BRIEF
Reproduce the opening lines of the listing below exactly, stopping after the line that contains "75.2, 0.0), z_axis=(0.0, 0.0, 1.0), x_axis=(0.0, 1.0, 0.0)))" and leaving out any pictures.

INPUT FOR THIS TASK
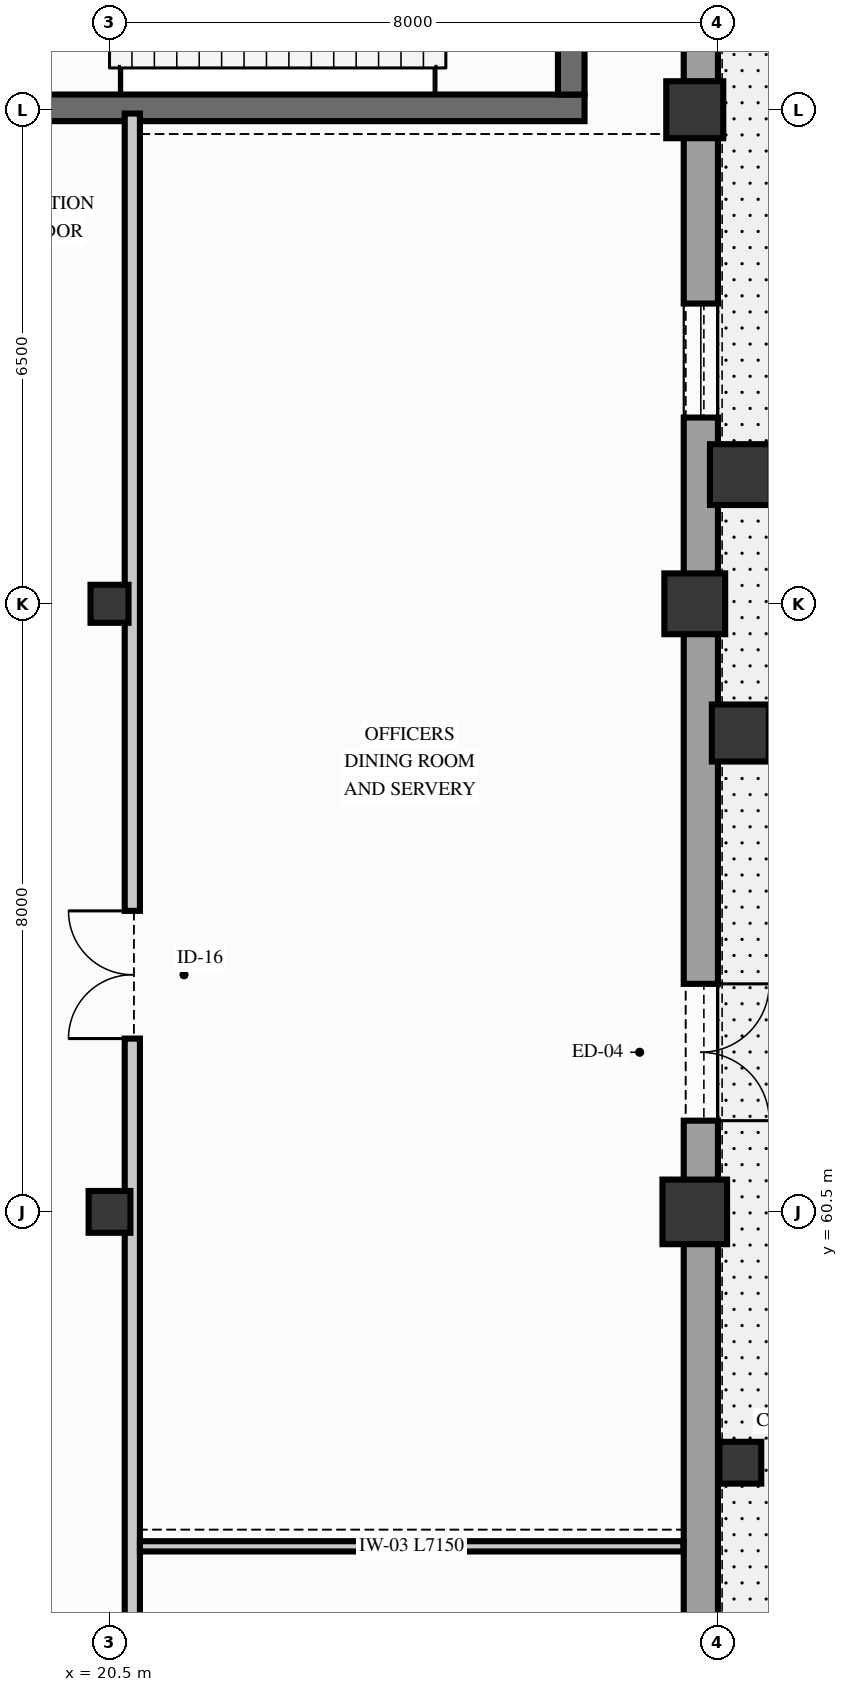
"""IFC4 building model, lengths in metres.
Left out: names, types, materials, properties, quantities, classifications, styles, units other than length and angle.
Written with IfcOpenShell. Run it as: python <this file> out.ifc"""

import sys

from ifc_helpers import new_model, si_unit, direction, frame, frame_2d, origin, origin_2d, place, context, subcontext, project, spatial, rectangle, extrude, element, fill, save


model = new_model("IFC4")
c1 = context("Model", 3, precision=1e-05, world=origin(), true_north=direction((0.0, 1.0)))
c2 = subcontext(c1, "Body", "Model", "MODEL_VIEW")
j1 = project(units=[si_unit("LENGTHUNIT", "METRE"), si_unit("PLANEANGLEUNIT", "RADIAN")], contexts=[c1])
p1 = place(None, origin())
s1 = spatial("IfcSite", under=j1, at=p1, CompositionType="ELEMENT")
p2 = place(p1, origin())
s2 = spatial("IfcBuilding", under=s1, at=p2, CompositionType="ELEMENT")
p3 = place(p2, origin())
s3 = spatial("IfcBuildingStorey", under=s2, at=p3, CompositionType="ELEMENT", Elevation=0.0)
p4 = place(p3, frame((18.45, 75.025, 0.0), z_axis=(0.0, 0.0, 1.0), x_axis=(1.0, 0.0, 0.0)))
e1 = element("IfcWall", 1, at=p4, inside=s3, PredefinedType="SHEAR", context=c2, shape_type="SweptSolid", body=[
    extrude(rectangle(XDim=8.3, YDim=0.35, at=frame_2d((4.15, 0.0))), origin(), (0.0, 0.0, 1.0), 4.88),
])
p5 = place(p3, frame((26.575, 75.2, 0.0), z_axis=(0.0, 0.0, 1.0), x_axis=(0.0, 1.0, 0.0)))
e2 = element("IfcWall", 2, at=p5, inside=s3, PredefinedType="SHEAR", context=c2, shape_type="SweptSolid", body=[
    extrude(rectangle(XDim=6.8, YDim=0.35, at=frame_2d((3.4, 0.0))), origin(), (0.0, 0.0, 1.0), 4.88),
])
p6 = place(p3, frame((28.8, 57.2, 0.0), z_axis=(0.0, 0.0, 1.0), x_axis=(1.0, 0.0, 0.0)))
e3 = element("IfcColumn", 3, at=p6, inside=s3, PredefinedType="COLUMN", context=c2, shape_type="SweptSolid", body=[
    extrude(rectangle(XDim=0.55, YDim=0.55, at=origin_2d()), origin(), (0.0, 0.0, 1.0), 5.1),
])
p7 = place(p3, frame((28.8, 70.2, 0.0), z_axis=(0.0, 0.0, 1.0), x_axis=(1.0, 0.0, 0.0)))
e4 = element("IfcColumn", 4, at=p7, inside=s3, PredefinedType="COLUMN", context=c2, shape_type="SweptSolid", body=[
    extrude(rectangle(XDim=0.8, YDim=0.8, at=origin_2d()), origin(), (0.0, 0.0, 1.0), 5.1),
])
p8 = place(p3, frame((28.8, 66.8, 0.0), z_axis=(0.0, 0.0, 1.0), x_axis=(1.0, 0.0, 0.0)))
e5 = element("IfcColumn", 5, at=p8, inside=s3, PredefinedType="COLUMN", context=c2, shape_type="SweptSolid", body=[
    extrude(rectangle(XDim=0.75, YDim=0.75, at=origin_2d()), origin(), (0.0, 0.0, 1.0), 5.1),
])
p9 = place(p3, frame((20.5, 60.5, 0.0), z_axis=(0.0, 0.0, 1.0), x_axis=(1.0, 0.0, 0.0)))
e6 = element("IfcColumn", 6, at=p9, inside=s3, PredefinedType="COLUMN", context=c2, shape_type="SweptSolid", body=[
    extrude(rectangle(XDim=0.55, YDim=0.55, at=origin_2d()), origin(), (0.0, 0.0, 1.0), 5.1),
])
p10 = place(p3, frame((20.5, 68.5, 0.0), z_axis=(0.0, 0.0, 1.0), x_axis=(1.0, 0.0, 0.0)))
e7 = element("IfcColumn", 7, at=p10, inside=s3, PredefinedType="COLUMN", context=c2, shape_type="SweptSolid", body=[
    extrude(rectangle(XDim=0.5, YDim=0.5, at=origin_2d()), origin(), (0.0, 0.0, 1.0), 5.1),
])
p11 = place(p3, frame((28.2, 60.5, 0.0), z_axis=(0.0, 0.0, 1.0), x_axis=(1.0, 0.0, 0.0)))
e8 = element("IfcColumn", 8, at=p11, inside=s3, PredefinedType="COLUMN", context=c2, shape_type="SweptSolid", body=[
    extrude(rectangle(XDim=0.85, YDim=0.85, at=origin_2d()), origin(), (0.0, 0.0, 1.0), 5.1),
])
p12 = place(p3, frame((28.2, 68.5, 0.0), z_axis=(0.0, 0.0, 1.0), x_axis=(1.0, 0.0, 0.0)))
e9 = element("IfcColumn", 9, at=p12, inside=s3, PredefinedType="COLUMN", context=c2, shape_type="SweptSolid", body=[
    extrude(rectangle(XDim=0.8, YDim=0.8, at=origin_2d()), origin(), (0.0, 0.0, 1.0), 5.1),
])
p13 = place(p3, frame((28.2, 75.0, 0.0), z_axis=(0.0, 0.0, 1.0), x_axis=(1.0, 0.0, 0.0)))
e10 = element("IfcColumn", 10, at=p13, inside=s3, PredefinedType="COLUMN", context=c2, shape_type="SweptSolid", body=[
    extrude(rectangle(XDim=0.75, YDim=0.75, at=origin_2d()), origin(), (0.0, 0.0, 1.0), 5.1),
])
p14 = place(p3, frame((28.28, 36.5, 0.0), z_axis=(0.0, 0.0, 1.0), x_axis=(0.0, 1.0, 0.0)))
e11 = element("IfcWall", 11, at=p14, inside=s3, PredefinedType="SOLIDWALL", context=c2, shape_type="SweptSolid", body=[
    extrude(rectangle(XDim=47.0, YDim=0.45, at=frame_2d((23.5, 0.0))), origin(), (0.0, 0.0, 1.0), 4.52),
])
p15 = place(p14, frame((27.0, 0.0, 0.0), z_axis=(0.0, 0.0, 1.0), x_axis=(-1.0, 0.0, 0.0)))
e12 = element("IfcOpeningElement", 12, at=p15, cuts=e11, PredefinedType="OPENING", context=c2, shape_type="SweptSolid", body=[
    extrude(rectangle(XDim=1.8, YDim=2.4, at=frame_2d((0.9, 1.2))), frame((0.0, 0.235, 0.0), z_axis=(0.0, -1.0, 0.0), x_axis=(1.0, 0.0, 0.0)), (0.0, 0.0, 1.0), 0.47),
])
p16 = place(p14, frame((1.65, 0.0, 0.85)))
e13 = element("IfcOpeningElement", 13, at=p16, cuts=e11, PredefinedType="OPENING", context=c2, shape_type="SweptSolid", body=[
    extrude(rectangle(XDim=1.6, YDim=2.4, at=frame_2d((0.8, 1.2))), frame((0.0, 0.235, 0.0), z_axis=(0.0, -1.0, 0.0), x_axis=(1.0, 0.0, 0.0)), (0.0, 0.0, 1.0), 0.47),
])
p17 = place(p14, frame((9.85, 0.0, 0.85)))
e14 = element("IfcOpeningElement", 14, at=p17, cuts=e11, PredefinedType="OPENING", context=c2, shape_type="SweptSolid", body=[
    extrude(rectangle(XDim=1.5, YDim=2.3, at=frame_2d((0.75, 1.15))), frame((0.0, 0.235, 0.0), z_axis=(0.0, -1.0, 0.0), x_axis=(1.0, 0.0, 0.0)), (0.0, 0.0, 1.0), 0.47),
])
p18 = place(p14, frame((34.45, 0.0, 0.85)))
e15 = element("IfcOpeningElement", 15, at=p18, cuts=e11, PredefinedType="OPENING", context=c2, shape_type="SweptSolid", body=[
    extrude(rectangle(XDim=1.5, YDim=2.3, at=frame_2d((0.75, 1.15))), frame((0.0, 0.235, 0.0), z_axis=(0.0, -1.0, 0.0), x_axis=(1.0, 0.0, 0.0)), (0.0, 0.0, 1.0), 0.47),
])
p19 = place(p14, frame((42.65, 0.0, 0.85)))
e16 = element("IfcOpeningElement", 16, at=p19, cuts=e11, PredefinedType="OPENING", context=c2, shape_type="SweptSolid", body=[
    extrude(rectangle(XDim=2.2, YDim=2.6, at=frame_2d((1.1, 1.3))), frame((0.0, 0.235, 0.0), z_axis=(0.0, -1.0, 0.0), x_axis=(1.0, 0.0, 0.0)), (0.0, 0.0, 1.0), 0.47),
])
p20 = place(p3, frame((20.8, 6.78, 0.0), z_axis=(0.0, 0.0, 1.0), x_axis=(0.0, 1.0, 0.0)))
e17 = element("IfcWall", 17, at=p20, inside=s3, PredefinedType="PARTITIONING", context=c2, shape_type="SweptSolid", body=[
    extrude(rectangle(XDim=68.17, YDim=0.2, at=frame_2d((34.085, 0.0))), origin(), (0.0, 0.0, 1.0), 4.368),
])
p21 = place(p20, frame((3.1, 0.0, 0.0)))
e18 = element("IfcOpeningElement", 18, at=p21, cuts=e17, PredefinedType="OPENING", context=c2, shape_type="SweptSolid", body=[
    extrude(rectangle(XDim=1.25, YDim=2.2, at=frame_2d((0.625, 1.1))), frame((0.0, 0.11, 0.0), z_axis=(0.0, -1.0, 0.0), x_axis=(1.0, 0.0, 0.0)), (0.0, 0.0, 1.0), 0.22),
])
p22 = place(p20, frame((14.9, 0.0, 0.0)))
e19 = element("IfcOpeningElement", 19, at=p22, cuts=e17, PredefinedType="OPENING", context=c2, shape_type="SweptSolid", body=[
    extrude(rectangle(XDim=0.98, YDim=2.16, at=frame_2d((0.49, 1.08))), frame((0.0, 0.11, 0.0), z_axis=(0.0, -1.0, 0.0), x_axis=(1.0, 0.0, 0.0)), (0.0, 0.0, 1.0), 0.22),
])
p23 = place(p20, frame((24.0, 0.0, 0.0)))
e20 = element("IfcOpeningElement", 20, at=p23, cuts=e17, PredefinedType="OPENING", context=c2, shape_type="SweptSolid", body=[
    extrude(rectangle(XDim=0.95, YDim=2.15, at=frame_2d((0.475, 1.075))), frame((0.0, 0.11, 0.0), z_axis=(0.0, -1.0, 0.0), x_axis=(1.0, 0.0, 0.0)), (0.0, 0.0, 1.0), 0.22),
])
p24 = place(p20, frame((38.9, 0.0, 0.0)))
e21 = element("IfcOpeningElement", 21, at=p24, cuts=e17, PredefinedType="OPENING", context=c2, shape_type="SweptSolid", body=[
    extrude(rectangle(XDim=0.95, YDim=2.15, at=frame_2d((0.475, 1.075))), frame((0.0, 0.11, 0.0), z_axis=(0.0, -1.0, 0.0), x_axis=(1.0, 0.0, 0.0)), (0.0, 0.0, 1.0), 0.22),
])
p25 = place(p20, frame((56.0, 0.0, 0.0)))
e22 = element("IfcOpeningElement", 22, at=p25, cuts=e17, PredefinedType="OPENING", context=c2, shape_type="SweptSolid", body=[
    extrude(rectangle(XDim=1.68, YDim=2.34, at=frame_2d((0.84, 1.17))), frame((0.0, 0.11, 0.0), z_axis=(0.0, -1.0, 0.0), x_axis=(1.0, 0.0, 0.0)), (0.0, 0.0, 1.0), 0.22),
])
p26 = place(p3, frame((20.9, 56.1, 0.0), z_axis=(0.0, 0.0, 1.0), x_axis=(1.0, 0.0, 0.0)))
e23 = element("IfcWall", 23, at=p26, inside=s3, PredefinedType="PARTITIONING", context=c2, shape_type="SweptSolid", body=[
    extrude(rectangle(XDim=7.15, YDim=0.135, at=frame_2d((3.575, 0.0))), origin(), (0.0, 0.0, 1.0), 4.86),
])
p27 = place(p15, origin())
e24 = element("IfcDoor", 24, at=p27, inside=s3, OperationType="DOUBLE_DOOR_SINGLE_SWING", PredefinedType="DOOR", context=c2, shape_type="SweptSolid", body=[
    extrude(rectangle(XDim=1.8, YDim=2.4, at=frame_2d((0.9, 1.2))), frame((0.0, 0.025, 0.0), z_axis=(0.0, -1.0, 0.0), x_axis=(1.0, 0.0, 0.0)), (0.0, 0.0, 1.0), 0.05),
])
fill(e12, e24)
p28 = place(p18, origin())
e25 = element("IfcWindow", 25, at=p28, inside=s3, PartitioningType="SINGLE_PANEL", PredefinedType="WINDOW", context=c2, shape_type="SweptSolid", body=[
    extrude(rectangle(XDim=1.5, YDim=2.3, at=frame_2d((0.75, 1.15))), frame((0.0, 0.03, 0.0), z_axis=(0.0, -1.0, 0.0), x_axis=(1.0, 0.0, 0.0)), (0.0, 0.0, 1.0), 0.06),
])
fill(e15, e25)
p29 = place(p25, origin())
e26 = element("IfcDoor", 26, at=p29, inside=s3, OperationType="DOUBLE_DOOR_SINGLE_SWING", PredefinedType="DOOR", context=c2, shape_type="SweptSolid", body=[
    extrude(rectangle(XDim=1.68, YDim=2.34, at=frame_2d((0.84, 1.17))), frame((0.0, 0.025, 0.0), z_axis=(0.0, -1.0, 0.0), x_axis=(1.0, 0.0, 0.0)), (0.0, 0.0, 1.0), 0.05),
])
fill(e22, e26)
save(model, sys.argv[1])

EXERCISE RESPONSE
"""IFC4 building model, lengths in metres.
Left out: names, types, materials, properties, quantities, classifications, styles, units other than length and angle.
Written with IfcOpenShell. Run it as: python <this file> out.ifc"""

import sys

from ifc_helpers import new_model, si_unit, direction, frame, frame_2d, origin, origin_2d, place, context, subcontext, project, spatial, rectangle, extrude, element, fill, save


model = new_model("IFC4")
c1 = context("Model", 3, precision=1e-05, world=origin(), true_north=direction((0.0, 1.0)))
c2 = subcontext(c1, "Body", "Model", "MODEL_VIEW")
j1 = project(units=[si_unit("LENGTHUNIT", "METRE"), si_unit("PLANEANGLEUNIT", "RADIAN")], contexts=[c1])
p1 = place(None, origin())
s1 = spatial("IfcSite", under=j1, at=p1, CompositionType="ELEMENT")
p2 = place(p1, origin())
s2 = spatial("IfcBuilding", under=s1, at=p2, CompositionType="ELEMENT")
p3 = place(p2, origin())
s3 = spatial("IfcBuildingStorey", under=s2, at=p3, CompositionType="ELEMENT", Elevation=0.0)
p4 = place(p3, frame((18.45, 75.025, 0.0), z_axis=(0.0, 0.0, 1.0), x_axis=(1.0, 0.0, 0.0)))
e1 = element("IfcWall", 1, at=p4, inside=s3, PredefinedType="SHEAR", context=c2, shape_type="SweptSolid", body=[
    extrude(rectangle(XDim=8.3, YDim=0.35, at=frame_2d((4.15, 0.0))), origin(), (0.0, 0.0, 1.0), 4.88),
])
p5 = place(p3, frame((26.575, 75.2, 0.0), z_axis=(0.0, 0.0, 1.0), x_axis=(0.0, 1.0, 0.0)))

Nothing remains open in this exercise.